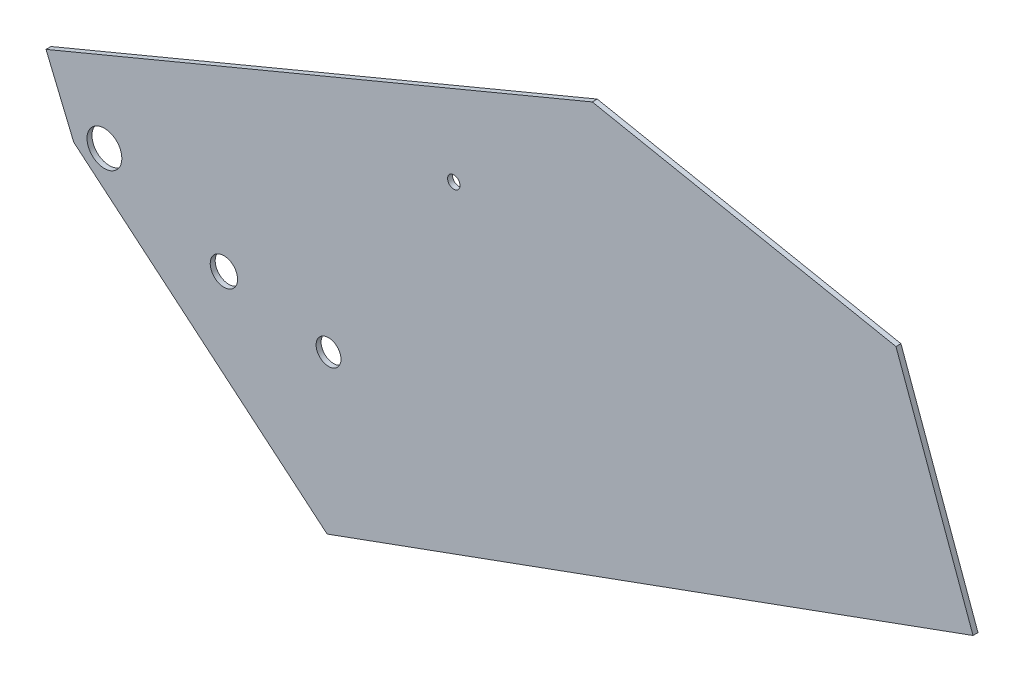
from build123d import *

# Parameters (mm, degrees)
SKETCH_1_R          = 3
EXTRUDE_1_DEPTH     = 2
EXTRUDE_2_DEPTH     = 2
SKETCH_4_OUTSIDE_W  = 464.3
SKETCH_4_OUTSIDE_H  = 281.017
CUT_EXTRUDE_1_DEPTH = 10
EXTRUDE_3_DEPTH     = 2
SKETCH_6_R          = 7
CUT_EXTRUDE_2_DEPTH = 16
EXTRUDE_4_DEPTH     = 2
CUT_EXTRUDE_3_DEPTH = 10
CUT_EXTRUDE_4_DEPTH = 10
SKETCH_10_R         = 2.5
CUT_EXTRUDE_5_DEPTH = 369.29137958
SKETCH_11_R         = 5.5
CUT_EXTRUDE_6_DEPTH = 369.29137958
SKETCH_13_R         = 5
CUT_EXTRUDE_7_DEPTH = 369.29137958


with BuildPart() as part:
    # 草图1 → 凸台-拉伸1 (new body)
    with BuildSketch(Plane.XY):
        with BuildLine():
            Line((362.493953978, 12.044043029), (89.890291348, -87.17557592))
            Line((89.890291348, -87.17557592), (-5.785088487, -6.894399988))
            ThreePointArc((-5.785088487, -6.894399988), (-6.894399988, 5.785088487), (5.785088487, 6.894399988))
            Line((5.785088487, 6.894399988), (93.499500944, -66.706731154))
            Line((93.499500944, -66.706731154), (356.337591398, 28.958510203))
            ThreePointArc((356.337591398, 28.958510203), (367.873006275, 23.579457906), (362.493953978, 12.044043029))
        make_face()
        with Locations((359.415772688, 20.501276616)):
            Circle(SKETCH_1_R, mode=Mode.SUBTRACT)
        Circle(SKETCH_1_R, mode=Mode.SUBTRACT)
    extrude(amount=EXTRUDE_1_DEPTH)

    # 草图3 → 凸台-拉伸2 (add)
    with BuildSketch(Plane.XY.offset(2)):
        Polygon((24.555501063, -8.855846282), (93.499500944, -66.706731154), (337.819582349, 22.218506111), (302.512305891, 106.957456662), align=None)
    extrude(amount=-EXTRUDE_2_DEPTH)

    # 草图4 outside → 切除-拉伸1 (cut)
    with BuildSketch(Plane(origin=(0, 0, 0), x_dir=(-1, 0, 0), z_dir=(0, 0, -1))):
        with Locations((-179.708, 9.8905)):
            Rectangle(SKETCH_4_OUTSIDE_W, SKETCH_4_OUTSIDE_H)
        Polygon((-337.819582349, 22.218506111), (-344.749797365, 5.585698189), (-89.890291348, -87.17557592), (-5.843844232, -16.652233143), (-24.555501063, -8.855846282), (-302.512305891, 106.957456662), align=None, mode=Mode.SUBTRACT)
    extrude(amount=-CUT_EXTRUDE_1_DEPTH, mode=Mode.SUBTRACT)

    # 草图5 → 凸台-拉伸3 (add)
    with BuildSketch(Plane(origin=(0, 0, 0), x_dir=(-1, 0, 0), z_dir=(0, 0, -1))):
        Polygon((-302.512305891, 106.957456662), (-283.449488043, 152.709022376), (-92.70915772, 73.235279423), (36.914573348, 19.226339278), (-5.843844232, -16.652233143), align=None)
    extrude(amount=-EXTRUDE_3_DEPTH)

    # 草图6 → 切除-拉伸2 (cut)
    with BuildSketch(Plane(origin=(0, 0, 0), x_dir=(-1, 0, 0), z_dir=(0, 0, -1))):
        with Locations((-0.401023288, 2.274316085)):
            Circle(SKETCH_6_R)
    extrude(amount=-CUT_EXTRUDE_2_DEPTH, mode=Mode.SUBTRACT)

    # 草图7 → 凸台-拉伸4 (add)
    with BuildSketch(Plane(origin=(0, 0, 0), x_dir=(-1, 0, 0), z_dir=(0, 0, -1))):
        Polygon((-344.749797365, 5.585698189), (-349.390825639, 7.274894338), (-348.706785352, 9.154279579), (-294.744261489, 157.415095392), (-283.449488043, 152.709022376), align=None)
    extrude(amount=-EXTRUDE_4_DEPTH)

    # 草图8 → 切除-拉伸3 (cut)
    with BuildSketch(Plane.XY.offset(2)):
        Polygon((318.426035297, 92.349956602), (196.426191084, 116.449951619), (294.744261489, 157.415095392), align=None)
    extrude(amount=-CUT_EXTRUDE_3_DEPTH, mode=Mode.SUBTRACT)

    # 草图9 → 切除-拉伸4 (cut)
    with BuildSketch(Plane(origin=(0, 0, 0), x_dir=(-1, 0, 0), z_dir=(0, 0, -1))):
        Polygon((23.068383558, 24.995483781), (11.929294577, -1.738798924), (36.914573348, 19.226339278), align=None)
    extrude(amount=-CUT_EXTRUDE_4_DEPTH, mode=Mode.SUBTRACT)

    # 草图10 → 切除-拉伸5 (cut, through all)
    with BuildSketch(Plane.XY.offset(2)):
        with Locations((140.777993137, 60.76369374)):
            Circle(SKETCH_10_R)
    extrude(amount=-CUT_EXTRUDE_5_DEPTH, mode=Mode.SUBTRACT)

    # 草图11 → 切除-拉伸6 (cut, through all)
    with BuildSketch(Plane(origin=(0, 0, 0), x_dir=(-1, 0, 0), z_dir=(0, 0, -1))):
        with Locations((-48.407364973, -16.547379186)):
            Circle(SKETCH_11_R)
    extrude(amount=-CUT_EXTRUDE_6_DEPTH, mode=Mode.SUBTRACT)

    # 草图13 → 切除-拉伸7 (cut, through all)
    with BuildSketch(Plane(origin=(0, 0, 0), x_dir=(-1, 0, 0), z_dir=(0, 0, -1))):
        with Locations((-90.449951862, -23.568027643)):
            Circle(SKETCH_13_R)
    extrude(amount=-CUT_EXTRUDE_7_DEPTH, mode=Mode.SUBTRACT)


solid = part.part

## PROBLEM TO SOLVE
Would you copy out exactly the lines above that start at the one containing "CUT_EXTRUDE_3_DEPTH = 10" and end at the one containing "extrude(amount=-EXTRUDE_2_DEPTH)", inclusive?

## RESULT
CUT_EXTRUDE_3_DEPTH = 10
CUT_EXTRUDE_4_DEPTH = 10
SKETCH_10_R         = 2.5
CUT_EXTRUDE_5_DEPTH = 369.29137958
SKETCH_11_R         = 5.5
CUT_EXTRUDE_6_DEPTH = 369.29137958
SKETCH_13_R         = 5
CUT_EXTRUDE_7_DEPTH = 369.29137958


with BuildPart() as part:
    # 草图1 → 凸台-拉伸1 (new body)
    with BuildSketch(Plane.XY):
        with BuildLine():
            Line((362.493953978, 12.044043029), (89.890291348, -87.17557592))
            Line((89.890291348, -87.17557592), (-5.785088487, -6.894399988))
            ThreePointArc((-5.785088487, -6.894399988), (-6.894399988, 5.785088487), (5.785088487, 6.894399988))
            Line((5.785088487, 6.894399988), (93.499500944, -66.706731154))
            Line((93.499500944, -66.706731154), (356.337591398, 28.958510203))
            ThreePointArc((356.337591398, 28.958510203), (367.873006275, 23.579457906), (362.493953978, 12.044043029))
        make_face()
        with Locations((359.415772688, 20.501276616)):
            Circle(SKETCH_1_R, mode=Mode.SUBTRACT)
        Circle(SKETCH_1_R, mode=Mode.SUBTRACT)
    extrude(amount=EXTRUDE_1_DEPTH)

    # 草图3 → 凸台-拉伸2 (add)
    with BuildSketch(Plane.XY.offset(2)):
        Polygon((24.555501063, -8.855846282), (93.499500944, -66.706731154), (337.819582349, 22.218506111), (302.512305891, 106.957456662), align=None)
    extrude(amount=-EXTRUDE_2_DEPTH)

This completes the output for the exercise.